**Exercise directions:**
Nothing but the lines below from the first through the one with "world=origin(), true_north=direction((0.0, 1.0)))" should appear, printed exactly; please leave pictures out.

Saved data entries:
__________________________________________________

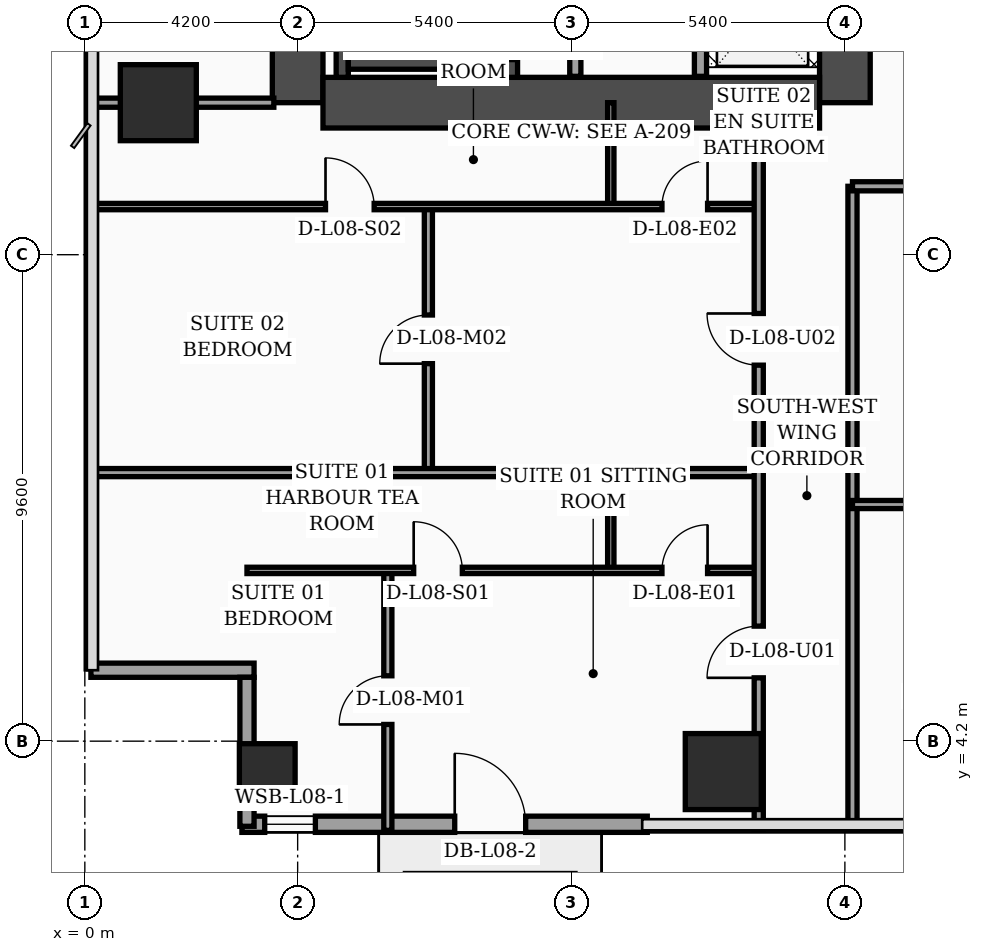
"""IFC4 building model, lengths in metres.
Left out: names, types, materials, properties, quantities, classifications, styles, units other than length and angle.
Written with IfcOpenShell. Run it as: python <this file> out.ifc"""

import sys

from ifc_helpers import new_model, si_unit, direction, frame, frame_2d, origin, origin_2d, place, context, subcontext, project, spatial, rectangle, hollow_rectangle, extrude, element, fill, save


model = new_model("IFC4")
c1 = context("Model", 3, precision=1e-05, world=origin(), true_north=direction((0.0, 1.0)))
c2 = subcontext(c1, "Body", "Model", "MODEL_VIEW")
j1 = project(units=[si_unit("LENGTHUNIT", "METRE"), si_unit("PLANEANGLEUNIT", "RADIAN")], contexts=[c1])
p1 = place(None, origin())
s1 = spatial("IfcSite", under=j1, at=p1, CompositionType="ELEMENT")
p2 = place(p1, origin())
s2 = spatial("IfcBuilding", under=s1, at=p2, CompositionType="ELEMENT")
p3 = place(p2, frame((0.0, 0.0, 38.4)))
s3 = spatial("IfcBuildingStorey", under=s2, at=p3, CompositionType="ELEMENT", Elevation=38.4)
p4 = place(p3, frame((4.2, 16.8, 0.0), z_axis=(0.0, 0.0, 1.0), x_axis=(0.0, 1.0, 0.0)))
e1 = element("IfcWall", 1, at=p4, inside=s3, PredefinedType="SHEAR", context=c2, shape_type="SweptSolid", body=[
    extrude(rectangle(XDim=21.6, YDim=1.0, at=frame_2d((10.8, 0.0))), origin(), (0.0, 0.0, 1.0), 3.56),
])
p5 = place(p3, frame((15.0, 16.8, 0.0), z_axis=(0.0, 0.0, 1.0), x_axis=(0.0, 1.0, 0.0)))
e2 = element("IfcWall", 2, at=p5, inside=s3, PredefinedType="SHEAR", context=c2, shape_type="SweptSolid", body=[
    extrude(rectangle(XDim=21.6, YDim=1.0, at=frame_2d((10.8, 0.0))), origin(), (0.0, 0.0, 1.0), 3.56),
])
p6 = place(p5, frame((8.65, 0.0, 0.0)))
e3 = element("IfcOpeningElement", 3, at=p6, cuts=e2, PredefinedType="OPENING", context=c2, shape_type="SweptSolid", body=[
    extrude(rectangle(XDim=1.1, YDim=2.2, at=frame_2d((0.55, 1.1))), frame((0.0, 0.51, 0.0), z_axis=(0.0, -1.0, 0.0), x_axis=(1.0, 0.0, 0.0)), (0.0, 0.0, 1.0), 1.02),
])
p7 = place(p5, frame((1.25, 0.0, 0.0)))
e4 = element("IfcOpeningElement", 4, at=p7, cuts=e2, PredefinedType="OPENING", context=c2, shape_type="SweptSolid", body=[
    extrude(rectangle(XDim=1.1, YDim=2.2, at=frame_2d((0.55, 1.1))), frame((0.0, 0.51, 0.0), z_axis=(0.0, -1.0, 0.0), x_axis=(1.0, 0.0, 0.0)), (0.0, 0.0, 1.0), 1.02),
])
p8 = place(p5, frame((3.8, 0.0, 0.0)))
e5 = element("IfcOpeningElement", 5, at=p8, cuts=e2, PredefinedType="OPENING", context=c2, shape_type="SweptSolid", body=[
    extrude(rectangle(XDim=1.1, YDim=2.2, at=frame_2d((0.55, 1.1))), frame((0.0, 0.51, 0.0), z_axis=(0.0, -1.0, 0.0), x_axis=(1.0, 0.0, 0.0)), (0.0, 0.0, 1.0), 1.02),
])
p9 = place(p5, frame((6.35, 0.0, 0.0)))
e6 = element("IfcOpeningElement", 6, at=p9, cuts=e2, PredefinedType="OPENING", context=c2, shape_type="SweptSolid", body=[
    extrude(rectangle(XDim=1.1, YDim=2.2, at=frame_2d((0.55, 1.1))), frame((0.0, 0.51, 0.0), z_axis=(0.0, -1.0, 0.0), x_axis=(1.0, 0.0, 0.0)), (0.0, 0.0, 1.0), 1.02),
])
p10 = place(p3, frame((4.7, 16.8, 0.0), z_axis=(0.0, 0.0, 1.0), x_axis=(1.0, 0.0, 0.0)))
e7 = element("IfcWall", 7, at=p10, inside=s3, PredefinedType="SHEAR", context=c2, shape_type="SweptSolid", body=[
    extrude(rectangle(XDim=9.8, YDim=1.0, at=frame_2d((4.9, 0.0))), origin(), (0.0, 0.0, 1.0), 3.56),
])
p11 = place(p3, frame((5.08, 17.3, 0.0), z_axis=(0.0, 0.0, 1.0), x_axis=(0.0, 1.0, 0.0)))
e8 = element("IfcWall", 8, at=p11, inside=s3, PredefinedType="SOLIDWALL", context=c2, shape_type="SweptSolid", body=[
    extrude(rectangle(XDim=9.49, YDim=0.24, at=frame_2d((4.745, 0.0))), origin(), (0.0, 0.0, 1.0), 3.56),
])
p12 = place(p3, frame((8.42, 17.3, 0.0), z_axis=(0.0, 0.0, 1.0), x_axis=(0.0, 1.0, 0.0)))
e9 = element("IfcWall", 9, at=p12, inside=s3, PredefinedType="SOLIDWALL", context=c2, shape_type="SweptSolid", body=[
    extrude(rectangle(XDim=9.49, YDim=0.24, at=frame_2d((4.745, 0.0))), origin(), (0.0, 0.0, 1.0), 3.56),
])
p13 = place(p12, frame((0.35, 0.0, 0.0)))
e10 = element("IfcOpeningElement", 10, at=p13, cuts=e9, PredefinedType="OPENING", context=c2, shape_type="SweptSolid", body=[
    extrude(rectangle(XDim=1.15, YDim=2.2, at=frame_2d((0.575, 1.1))), frame((0.0, 0.13, 0.0), z_axis=(0.0, -1.0, 0.0), x_axis=(1.0, 0.0, 0.0)), (0.0, 0.0, 1.0), 0.26),
])
p14 = place(p3, frame((5.2, 17.58, 0.0), z_axis=(0.0, 0.0, 1.0), x_axis=(1.0, 0.0, 0.0)))
e11 = element("IfcWall", 11, at=p14, inside=s3, PredefinedType="SOLIDWALL", context=c2, shape_type="SweptSolid", body=[
    extrude(rectangle(XDim=3.1, YDim=0.24, at=frame_2d((1.55, 0.0))), origin(), (0.0, 0.0, 1.0), 3.56),
])
p15 = place(p3, frame((3.6, 3.6, 0.0), z_axis=(0.0, 0.0, 1.0), x_axis=(1.0, 0.0, 0.0)))
e12 = element("IfcColumn", 12, at=p15, inside=s3, PredefinedType="COLUMN", context=c2, shape_type="SweptSolid", body=[
    extrude(hollow_rectangle(XDim=1.1, YDim=1.1, WallThickness=0.045, at=origin_2d()), origin(), (0.0, 0.0, 1.0), 3.56),
])
for number, where, z_axis, x_axis in (
    (13, (1.45, 16.8, 0.0), (0.0, 0.0, 1.0), (1.0, 0.0, 0.0)),
    (14, (12.6, 3.6, 0.0), (0.0, 0.0, 1.0), (1.0, 0.0, 0.0)),
):
    element("IfcColumn", number, at=place(p3, frame(where, z_axis=z_axis, x_axis=x_axis)), inside=s3, PredefinedType="COLUMN", context=c2, shape_type="SweptSolid", body=[
        extrude(rectangle(XDim=1.5, YDim=1.5, at=origin_2d()), origin(), (0.0, 0.0, 1.0), 3.56),
    ])
p16 = place(p3, frame((3.1, 2.56, 0.0), z_axis=(0.0, 0.0, 1.0), x_axis=(1.0, 0.0, 0.0)))
e15 = element("IfcWall", 15, at=p16, inside=s3, PredefinedType="SOLIDWALL", context=c2, shape_type="SweptSolid", body=[
    extrude(rectangle(XDim=8.0, YDim=0.32, at=frame_2d((4.0, 0.0))), origin(), (0.0, 0.0, 1.0), 3.56),
])
p17 = place(p16, frame((0.45, 0.0, 0.75)))
e16 = element("IfcOpeningElement", 16, at=p17, cuts=e15, PredefinedType="OPENING", context=c2, shape_type="SweptSolid", body=[
    extrude(rectangle(XDim=1.0, YDim=1.6, at=frame_2d((0.5, 0.8))), frame((0.0, 0.17, 0.0), z_axis=(0.0, -1.0, 0.0), x_axis=(1.0, 0.0, 0.0)), (0.0, 0.0, 1.0), 0.34),
])
p18 = place(p16, frame((4.2, 0.0, 0.0)))
e17 = element("IfcOpeningElement", 17, at=p18, cuts=e15, PredefinedType="OPENING", context=c2, shape_type="SweptSolid", body=[
    extrude(rectangle(XDim=1.4, YDim=2.25, at=frame_2d((0.7, 1.125))), frame((0.0, 0.17, 0.0), z_axis=(0.0, -1.0, 0.0), x_axis=(1.0, 0.0, 0.0)), (0.0, 0.0, 1.0), 0.34),
])
p19 = place(p3, frame((0.12, 5.6, 0.0), z_axis=(0.0, 0.0, 1.0), x_axis=(1.0, 0.0, 0.0)))
e18 = element("IfcWall", 18, at=p19, inside=s3, PredefinedType="SOLIDWALL", context=c2, shape_type="SweptSolid", body=[
    extrude(rectangle(XDim=3.22, YDim=0.28, at=frame_2d((1.61, 0.0))), origin(), (0.0, 0.0, 1.0), 2.84),
])
p20 = place(p3, frame((3.2, 5.46, 0.0), z_axis=(0.0, 0.0, 1.0), x_axis=(0.0, -1.0, 0.0)))
e19 = element("IfcWall", 19, at=p20, inside=s3, PredefinedType="SOLIDWALL", context=c2, shape_type="SweptSolid", body=[
    extrude(rectangle(XDim=2.94, YDim=0.28, at=frame_2d((1.47, 0.0))), origin(), (0.0, 0.0, 1.0), 2.84),
])
p21 = place(p3, frame((9.68, 17.32, 0.0), z_axis=(0.0, 0.0, 1.0), x_axis=(0.0, 1.0, 0.0)))
e20 = element("IfcWall", 20, at=p21, inside=s3, PredefinedType="SOLIDWALL", context=c2, shape_type="SweptSolid", body=[
    extrude(rectangle(XDim=7.68, YDim=0.22, at=frame_2d((3.84, 0.0))), origin(), (0.0, 0.0, 1.0), 3.56),
])
p22 = place(p3, frame((12.15, 17.32, 0.0), z_axis=(0.0, 0.0, 1.0), x_axis=(0.0, 1.0, 0.0)))
e21 = element("IfcWall", 21, at=p22, inside=s3, PredefinedType="SOLIDWALL", context=c2, shape_type="SweptSolid", body=[
    extrude(rectangle(XDim=7.65, YDim=0.24, at=frame_2d((3.825, 0.0))), origin(), (0.0, 0.0, 1.0), 3.56),
])
p23 = place(p3, frame((0.08, 16.8, 0.0), z_axis=(0.0, 0.0, 1.0), x_axis=(1.0, 0.0, 0.0)))
e22 = element("IfcWall", 22, at=p23, inside=s3, PredefinedType="PARTITIONING", context=c2, shape_type="SweptSolid", body=[
    extrude(rectangle(XDim=3.65, YDim=0.18, at=frame_2d((1.825, 0.0))), origin(), (0.0, 0.0, 1.0), 2.84),
])
p24 = place(p3, frame((10.38, 7.57, 0.0), z_axis=(0.0, 0.0, 1.0), x_axis=(0.0, 1.0, 0.0)))
e23 = element("IfcWall", 23, at=p24, inside=s3, PredefinedType="PARTITIONING", context=c2, shape_type="SweptSolid", body=[
    extrude(rectangle(XDim=1.93, YDim=0.125, at=frame_2d((0.965, 0.0))), origin(), (0.0, 0.0, 1.0), 3.56),
])
p25 = place(p3, frame((5.98, 2.44, 0.0), z_axis=(0.0, 0.0, 1.0), x_axis=(0.0, 1.0, 0.0)))
e24 = element("IfcWall", 24, at=p25, inside=s3, PredefinedType="PARTITIONING", context=c2, shape_type="SweptSolid", body=[
    extrude(rectangle(XDim=5.13, YDim=0.16, at=frame_2d((2.565, 0.0))), origin(), (0.0, 0.0, 1.0), 3.04),
])
p26 = place(p25, frame((2.09, 0.0, 0.0)))
e25 = element("IfcOpeningElement", 25, at=p26, cuts=e24, PredefinedType="OPENING", context=c2, shape_type="SweptSolid", body=[
    extrude(rectangle(XDim=0.96, YDim=2.2, at=frame_2d((0.48, 1.1))), frame((0.0, 0.09, 0.0), z_axis=(0.0, -1.0, 0.0), x_axis=(1.0, 0.0, 0.0)), (0.0, 0.0, 1.0), 0.18),
])
p27 = place(p3, frame((3.2, 7.57, 0.0), z_axis=(0.0, 0.0, 1.0), x_axis=(1.0, 0.0, 0.0)))
e26 = element("IfcWall", 26, at=p27, inside=s3, PredefinedType="PARTITIONING", context=c2, shape_type="SweptSolid", body=[
    extrude(rectangle(XDim=10.1, YDim=0.125, at=frame_2d((5.05, 0.0))), origin(), (0.0, 0.0, 1.0), 2.84),
])
p28 = place(p27, frame((3.29, 0.0, 0.0)))
e27 = element("IfcOpeningElement", 27, at=p28, cuts=e26, PredefinedType="OPENING", context=c2, shape_type="SweptSolid", body=[
    extrude(rectangle(XDim=0.96, YDim=2.2, at=frame_2d((0.48, 1.1))), frame((0.0, 0.073, 0.0), z_axis=(0.0, -1.0, 0.0), x_axis=(1.0, 0.0, 0.0)), (0.0, 0.0, 1.0), 0.145),
])
p29 = place(p27, frame((8.19, 0.0, 0.0)))
e28 = element("IfcOpeningElement", 28, at=p29, cuts=e26, PredefinedType="OPENING", context=c2, shape_type="SweptSolid", body=[
    extrude(rectangle(XDim=0.9, YDim=2.15, at=frame_2d((0.45, 1.075))), frame((0.0, 0.073, 0.0), z_axis=(0.0, -1.0, 0.0), x_axis=(1.0, 0.0, 0.0)), (0.0, 0.0, 1.0), 0.145),
])
p30 = place(p3, frame((10.38, 14.75, 0.0), z_axis=(0.0, 0.0, 1.0), x_axis=(0.0, 1.0, 0.0)))
e29 = element("IfcWall", 29, at=p30, inside=s3, PredefinedType="PARTITIONING", context=c2, shape_type="SweptSolid", body=[
    extrude(rectangle(XDim=2.05, YDim=0.125, at=frame_2d((1.025, 0.0))), origin(), (0.0, 0.0, 1.0), 3.56),
])
p31 = place(p3, frame((6.78, 9.5, 0.0), z_axis=(0.0, 0.0, 1.0), x_axis=(0.0, 1.0, 0.0)))
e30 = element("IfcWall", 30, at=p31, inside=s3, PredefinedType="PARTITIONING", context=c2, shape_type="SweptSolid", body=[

__________________________________________________

**Exercise solution:**
"""IFC4 building model, lengths in metres.
Left out: names, types, materials, properties, quantities, classifications, styles, units other than length and angle.
Written with IfcOpenShell. Run it as: python <this file> out.ifc"""

import sys

from ifc_helpers import new_model, si_unit, direction, frame, frame_2d, origin, origin_2d, place, context, subcontext, project, spatial, rectangle, hollow_rectangle, extrude, element, fill, save


model = new_model("IFC4")
c1 = context("Model", 3, precision=1e-05, world=origin(), true_north=direction((0.0, 1.0)))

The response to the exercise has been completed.